• _Required action_
What are the lines, written out exactly, from the one containing "#233=CARTESIAN_POINT('',(74.5419847328244,56.,0.));" to the end of the entries below? Include both ends and nothing more.

• _Given records_
+-------+
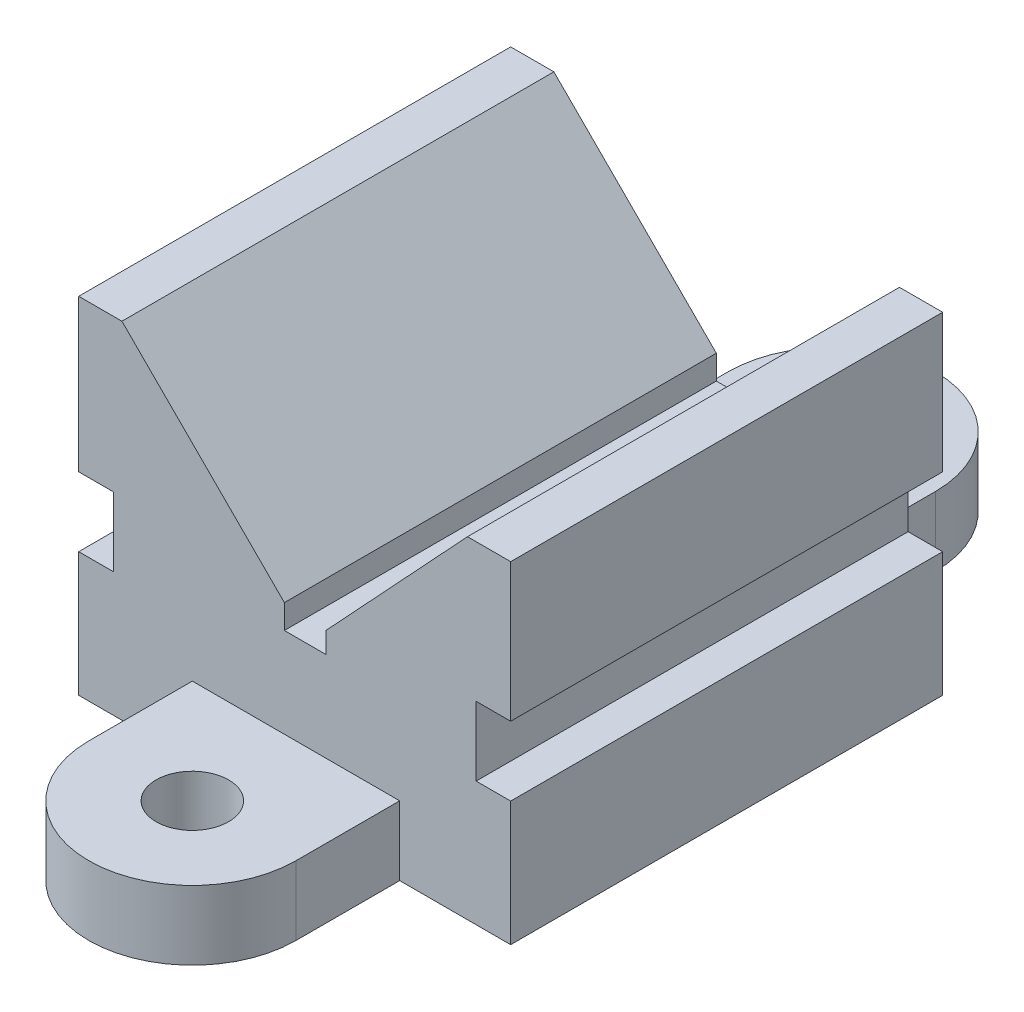
ISO-10303-21;
HEADER;
FILE_DESCRIPTION(('STEP AP214'),'2;1');
FILE_NAME('part.step','',(''),(''),'','','');
FILE_SCHEMA(('AUTOMOTIVE_DESIGN { 1 0 10303 214 1 1 1 1 }'));
ENDSEC;
DATA;
#1=APPLICATION_CONTEXT('core data for automotive mechanical design processes');
#2=APPLICATION_PROTOCOL_DEFINITION('international standard','automotive_design',2000,#1);
#3=PRODUCT_CONTEXT('',#1,'mechanical');
#4=PRODUCT('Part','Part','',(#3));
#5=PRODUCT_RELATED_PRODUCT_CATEGORY('part','',(#4));
#6=PRODUCT_DEFINITION_FORMATION('','',#4);
#7=PRODUCT_DEFINITION_CONTEXT('part definition',#1,'design');
#8=PRODUCT_DEFINITION('design','',#6,#7);
#9=PRODUCT_DEFINITION_SHAPE('','',#8);
#10=(LENGTH_UNIT() NAMED_UNIT(*) SI_UNIT(.MILLI.,.METRE.));
#11=(NAMED_UNIT(*) PLANE_ANGLE_UNIT() SI_UNIT($,.RADIAN.));
#12=(NAMED_UNIT(*) SI_UNIT($,.STERADIAN.) SOLID_ANGLE_UNIT());
#13=UNCERTAINTY_MEASURE_WITH_UNIT(LENGTH_MEASURE(1.E-05),#10,'distance_accuracy_value','');
#14=(GEOMETRIC_REPRESENTATION_CONTEXT(3) GLOBAL_UNCERTAINTY_ASSIGNED_CONTEXT((#13)) GLOBAL_UNIT_ASSIGNED_CONTEXT((#10,
#11,#12)) REPRESENTATION_CONTEXT('',''));
#15=CARTESIAN_POINT('',(0.,0.,0.));
#16=DIRECTION('',(0.,0.,1.));
#17=DIRECTION('',(1.,0.,0.));
#18=AXIS2_PLACEMENT_3D('',#15,#16,#17);
#19=CARTESIAN_POINT('',(-40.4580152671756,36.,125.));
#20=DIRECTION('',(1.,0.,0.));
#21=DIRECTION('',(0.,1.,0.));
#22=AXIS2_PLACEMENT_3D('',#19,#20,#21);
#23=PLANE('',#22);
#24=DIRECTION('',(0.,-1.,0.));
#25=VECTOR('',#24,1.);
#26=CARTESIAN_POINT('',(-40.4580152671756,36.,0.));
#27=LINE('',#26,#25);
#28=CARTESIAN_POINT('',(-40.4580152671756,36.,0.));
#29=VERTEX_POINT('',#28);
#30=CARTESIAN_POINT('',(-40.4580152671756,0.,0.));
#31=VERTEX_POINT('',#30);
#32=EDGE_CURVE('E266',#29,#31,#27,.T.);
#33=ORIENTED_EDGE('',*,*,#32,.T.);
#34=DIRECTION('',(0.,0.,-1.));
#35=VECTOR('',#34,1.);
#36=CARTESIAN_POINT('',(-40.4580152671756,0.,125.));
#37=LINE('',#36,#35);
#38=CARTESIAN_POINT('',(-40.4580152671756,0.,125.));
#39=VERTEX_POINT('',#38);
#40=EDGE_CURVE('E393',#39,#31,#37,.T.);
#41=ORIENTED_EDGE('',*,*,#40,.F.);
#42=DIRECTION('',(0.,-1.,0.));
#43=VECTOR('',#42,1.);
#44=CARTESIAN_POINT('',(-40.4580152671756,36.,125.));
#45=LINE('',#44,#43);
#46=CARTESIAN_POINT('',(-40.4580152671756,36.,125.));
#47=VERTEX_POINT('',#46);
#48=EDGE_CURVE('E270',#47,#39,#45,.T.);
#49=ORIENTED_EDGE('',*,*,#48,.F.);
#50=DIRECTION('',(0.,0.,-1.));
#51=VECTOR('',#50,1.);
#52=CARTESIAN_POINT('',(-40.4580152671756,36.,125.));
#53=LINE('',#52,#51);
#54=EDGE_CURVE('E308',#47,#29,#53,.T.);
#55=ORIENTED_EDGE('',*,*,#54,.T.);
#56=EDGE_LOOP('',(#33,#41,#49,#55));
#57=FACE_BOUND('',#56,.T.);
#58=ADVANCED_FACE('F39',(#57),#23,.F.);
#59=CARTESIAN_POINT('',(-40.4580152671756,0.,125.));
#60=DIRECTION('',(0.,1.,0.));
#61=DIRECTION('',(0.,0.,1.));
#62=AXIS2_PLACEMENT_3D('',#59,#60,#61);
#63=PLANE('',#62);
#64=DIRECTION('',(1.,0.,0.));
#65=VECTOR('',#64,1.);
#66=CARTESIAN_POINT('',(-40.4580152671756,0.,0.));
#67=LINE('',#66,#65);
#68=CARTESIAN_POINT('',(-7.57863831219291,0.,0.));
#69=VERTEX_POINT('',#68);
#70=EDGE_CURVE('E309',#31,#69,#67,.T.);
#71=ORIENTED_EDGE('',*,*,#70,.T.);
#72=DIRECTION('',(0.,0.,-1.));
#73=VECTOR('',#72,1.);
#74=CARTESIAN_POINT('',(-7.57863831219292,0.,155.));
#75=LINE('',#74,#73);
#76=CARTESIAN_POINT('',(-7.5786383121929,0.,-30.));
#77=VERTEX_POINT('',#76);
#78=EDGE_CURVE('E253',#69,#77,#75,.T.);
#79=ORIENTED_EDGE('',*,*,#78,.T.);
#80=CARTESIAN_POINT('',(22.4213616878071,0.,-30.));
#81=DIRECTION('',(0.,-1.,0.));
#82=DIRECTION('',(0.,0.,-1.));
#83=AXIS2_PLACEMENT_3D('',#80,#81,#82);
#84=CIRCLE('',#83,30.);
#85=CARTESIAN_POINT('',(52.4213616878071,0.,-30.));
#86=VERTEX_POINT('',#85);
#87=EDGE_CURVE('E255',#77,#86,#84,.T.);
#88=ORIENTED_EDGE('',*,*,#87,.T.);
#89=DIRECTION('',(0.,0.,1.));
#90=VECTOR('',#89,1.);
#91=CARTESIAN_POINT('',(52.4213616878071,0.,155.));
#92=LINE('',#91,#90);
#93=CARTESIAN_POINT('',(52.4213616878071,0.,0.));
#94=VERTEX_POINT('',#93);
#95=EDGE_CURVE('E237',#86,#94,#92,.T.);
#96=ORIENTED_EDGE('',*,*,#95,.T.);
#97=CARTESIAN_POINT('',(84.5419847328244,0.,0.));
#98=VERTEX_POINT('',#97);
#99=EDGE_CURVE('E310',#94,#98,#67,.T.);
#100=ORIENTED_EDGE('',*,*,#99,.T.);
#101=DIRECTION('',(0.,0.,-1.));
#102=VECTOR('',#101,1.);
#103=CARTESIAN_POINT('',(84.5419847328244,0.,125.));
#104=LINE('',#103,#102);
#105=CARTESIAN_POINT('',(84.5419847328244,0.,125.));
#106=VERTEX_POINT('',#105);
#107=EDGE_CURVE('E391',#106,#98,#104,.T.);
#108=ORIENTED_EDGE('',*,*,#107,.F.);
#109=DIRECTION('',(1.,0.,0.));
#110=VECTOR('',#109,1.);
#111=CARTESIAN_POINT('',(-40.4580152671756,0.,125.));
#112=LINE('',#111,#110);
#113=CARTESIAN_POINT('',(52.4213616878071,0.,125.));
#114=VERTEX_POINT('',#113);
#115=EDGE_CURVE('E269',#114,#106,#112,.T.);
#116=ORIENTED_EDGE('',*,*,#115,.F.);
#117=CARTESIAN_POINT('',(52.4213616878071,0.,155.));
#118=VERTEX_POINT('',#117);
#119=EDGE_CURVE('E236',#114,#118,#92,.T.);
#120=ORIENTED_EDGE('',*,*,#119,.T.);
#121=CARTESIAN_POINT('',(22.4213616878071,0.,155.));
#122=DIRECTION('',(0.,-1.,0.));
#123=DIRECTION('',(0.,0.,-1.));
#124=AXIS2_PLACEMENT_3D('',#121,#122,#123);
#125=CIRCLE('',#124,30.);
#126=CARTESIAN_POINT('',(-7.57863831219292,0.,155.));
#127=VERTEX_POINT('',#126);
#128=EDGE_CURVE('E248',#118,#127,#125,.T.);
#129=ORIENTED_EDGE('',*,*,#128,.T.);
#130=CARTESIAN_POINT('',(-7.57863831219293,0.,125.));
#131=VERTEX_POINT('',#130);
#132=EDGE_CURVE('E214',#127,#131,#75,.T.);
#133=ORIENTED_EDGE('',*,*,#132,.T.);
#134=EDGE_CURVE('E275',#39,#131,#112,.T.);
#135=ORIENTED_EDGE('',*,*,#134,.F.);
#136=ORIENTED_EDGE('',*,*,#40,.T.);
#137=EDGE_LOOP('',(#71,#79,#88,#96,#100,#108,#116,#120,#129,#133,#135,#136));
#138=FACE_BOUND('',#137,.T.);
#139=CARTESIAN_POINT('',(22.4213616878071,0.,-30.));
#140=DIRECTION('',(0.,-1.,0.));
#141=DIRECTION('',(0.,0.,-1.));
#142=AXIS2_PLACEMENT_3D('',#139,#140,#141);
#143=CIRCLE('',#142,10.5);
#144=CARTESIAN_POINT('',(22.4213616878071,0.,-40.5));
#145=VERTEX_POINT('',#144);
#146=EDGE_CURVE('E241',#145,#145,#143,.T.);
#147=ORIENTED_EDGE('',*,*,#146,.F.);
#148=EDGE_LOOP('',(#147));
#149=FACE_BOUND('',#148,.T.);
#150=CARTESIAN_POINT('',(22.4213616878071,0.,155.));
#151=DIRECTION('',(0.,-1.,0.));
#152=DIRECTION('',(0.,0.,-1.));
#153=AXIS2_PLACEMENT_3D('',#150,#151,#152);
#154=CIRCLE('',#153,10.5);
#155=CARTESIAN_POINT('',(22.4213616878071,0.,144.5));
#156=VERTEX_POINT('',#155);
#157=EDGE_CURVE('E587',#156,#156,#154,.T.);
#158=ORIENTED_EDGE('',*,*,#157,.F.);
#159=EDGE_LOOP('',(#158));
#160=FACE_BOUND('',#159,.T.);
#161=ADVANCED_FACE('F410',(#138,#149,#160),#63,.F.);
#162=CARTESIAN_POINT('',(84.5419847328244,0.,125.));
#163=DIRECTION('',(-1.,0.,0.));
#164=DIRECTION('',(0.,-1.,0.));
#165=AXIS2_PLACEMENT_3D('',#162,#163,#164);
#166=PLANE('',#165);
#167=DIRECTION('',(0.,1.,0.));
#168=VECTOR('',#167,1.);
#169=CARTESIAN_POINT('',(84.5419847328244,0.,0.));
#170=LINE('',#169,#168);
#171=CARTESIAN_POINT('',(84.5419847328244,36.,0.));
#172=VERTEX_POINT('',#171);
#173=EDGE_CURVE('E311',#98,#172,#170,.T.);
#174=ORIENTED_EDGE('',*,*,#173,.T.);
#175=DIRECTION('',(0.,0.,-1.));
#176=VECTOR('',#175,1.);
#177=CARTESIAN_POINT('',(84.5419847328244,36.,125.));
#178=LINE('',#177,#176);
#179=CARTESIAN_POINT('',(84.5419847328244,36.,125.));
#180=VERTEX_POINT('',#179);
#181=EDGE_CURVE('E389',#180,#172,#178,.T.);
#182=ORIENTED_EDGE('',*,*,#181,.F.);
#183=DIRECTION('',(0.,1.,0.));
#184=VECTOR('',#183,1.);
#185=CARTESIAN_POINT('',(84.5419847328244,0.,125.));
#186=LINE('',#185,#184);
#187=EDGE_CURVE('E273',#106,#180,#186,.T.);
#188=ORIENTED_EDGE('',*,*,#187,.F.);
#189=ORIENTED_EDGE('',*,*,#107,.T.);
#190=EDGE_LOOP('',(#174,#182,#188,#189));
#191=FACE_BOUND('',#190,.T.);
#192=ADVANCED_FACE('F489',(#191),#166,.F.);
#193=CARTESIAN_POINT('',(84.5419847328244,36.,125.));
#194=DIRECTION('',(0.,-1.,0.));
#195=DIRECTION('',(1.,0.,0.));
#196=AXIS2_PLACEMENT_3D('',#193,#194,#195);
#197=PLANE('',#196);
#198=DIRECTION('',(-1.,0.,0.));
#199=VECTOR('',#198,1.);
#200=CARTESIAN_POINT('',(84.5419847328244,36.,0.));
#201=LINE('',#200,#199);
#202=CARTESIAN_POINT('',(74.5419847328244,36.,0.));
#203=VERTEX_POINT('',#202);
#204=EDGE_CURVE('E312',#172,#203,#201,.T.);
#205=ORIENTED_EDGE('',*,*,#204,.T.);
#206=DIRECTION('',(0.,0.,-1.));
#207=VECTOR('',#206,1.);
#208=CARTESIAN_POINT('',(74.5419847328244,36.,125.));
#209=LINE('',#208,#207);
#210=CARTESIAN_POINT('',(74.5419847328244,36.,125.));
#211=VERTEX_POINT('',#210);
#212=EDGE_CURVE('E384',#211,#203,#209,.T.);
#213=ORIENTED_EDGE('',*,*,#212,.F.);
#214=DIRECTION('',(-1.,0.,0.));
#215=VECTOR('',#214,1.);
#216=CARTESIAN_POINT('',(84.5419847328244,36.,125.));
#217=LINE('',#216,#215);
#218=EDGE_CURVE('E277',#180,#211,#217,.T.);
#219=ORIENTED_EDGE('',*,*,#218,.F.);
#220=ORIENTED_EDGE('',*,*,#181,.T.);
#221=EDGE_LOOP('',(#205,#213,#219,#220));
#222=FACE_BOUND('',#221,.T.);
#223=ADVANCED_FACE('F486',(#222),#197,.F.);
#224=CARTESIAN_POINT('',(74.5419847328244,36.,125.));
#225=DIRECTION('',(-1.,0.,0.));
#226=DIRECTION('',(0.,0.,1.));
#227=AXIS2_PLACEMENT_3D('',#224,#225,#226);
#228=PLANE('',#227);
#229=DIRECTION('',(0.,1.,0.));
#230=VECTOR('',#229,1.);
#231=CARTESIAN_POINT('',(74.5419847328244,36.,0.));
#232=LINE('',#231,#230);
#233=CARTESIAN_POINT('',(74.5419847328244,56.,0.));
#234=VERTEX_POINT('',#233);
#235=EDGE_CURVE('E320',#203,#234,#232,.T.);
#236=ORIENTED_EDGE('',*,*,#235,.T.);
#237=DIRECTION('',(0.,0.,-1.));
#238=VECTOR('',#237,1.);
#239=CARTESIAN_POINT('',(74.5419847328244,56.,125.));
#240=LINE('',#239,#238);
#241=CARTESIAN_POINT('',(74.5419847328244,56.,125.));
#242=VERTEX_POINT('',#241);
#243=EDGE_CURVE('E385',#242,#234,#240,.T.);
#244=ORIENTED_EDGE('',*,*,#243,.F.);
#245=DIRECTION('',(0.,1.,0.));
#246=VECTOR('',#245,1.);
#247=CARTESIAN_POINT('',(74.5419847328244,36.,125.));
+-------+
• _Response area_
#233=CARTESIAN_POINT('',(74.5419847328244,56.,0.));
#234=VERTEX_POINT('',#233);
#235=EDGE_CURVE('E320',#203,#234,#232,.T.);
#236=ORIENTED_EDGE('',*,*,#235,.T.);
#237=DIRECTION('',(0.,0.,-1.));
#238=VECTOR('',#237,1.);
#239=CARTESIAN_POINT('',(74.5419847328244,56.,125.));
#240=LINE('',#239,#238);
#241=CARTESIAN_POINT('',(74.5419847328244,56.,125.));
#242=VERTEX_POINT('',#241);
#243=EDGE_CURVE('E385',#242,#234,#240,.T.);
#244=ORIENTED_EDGE('',*,*,#243,.F.);
#245=DIRECTION('',(0.,1.,0.));
#246=VECTOR('',#245,1.);
#247=CARTESIAN_POINT('',(74.5419847328244,36.,125.));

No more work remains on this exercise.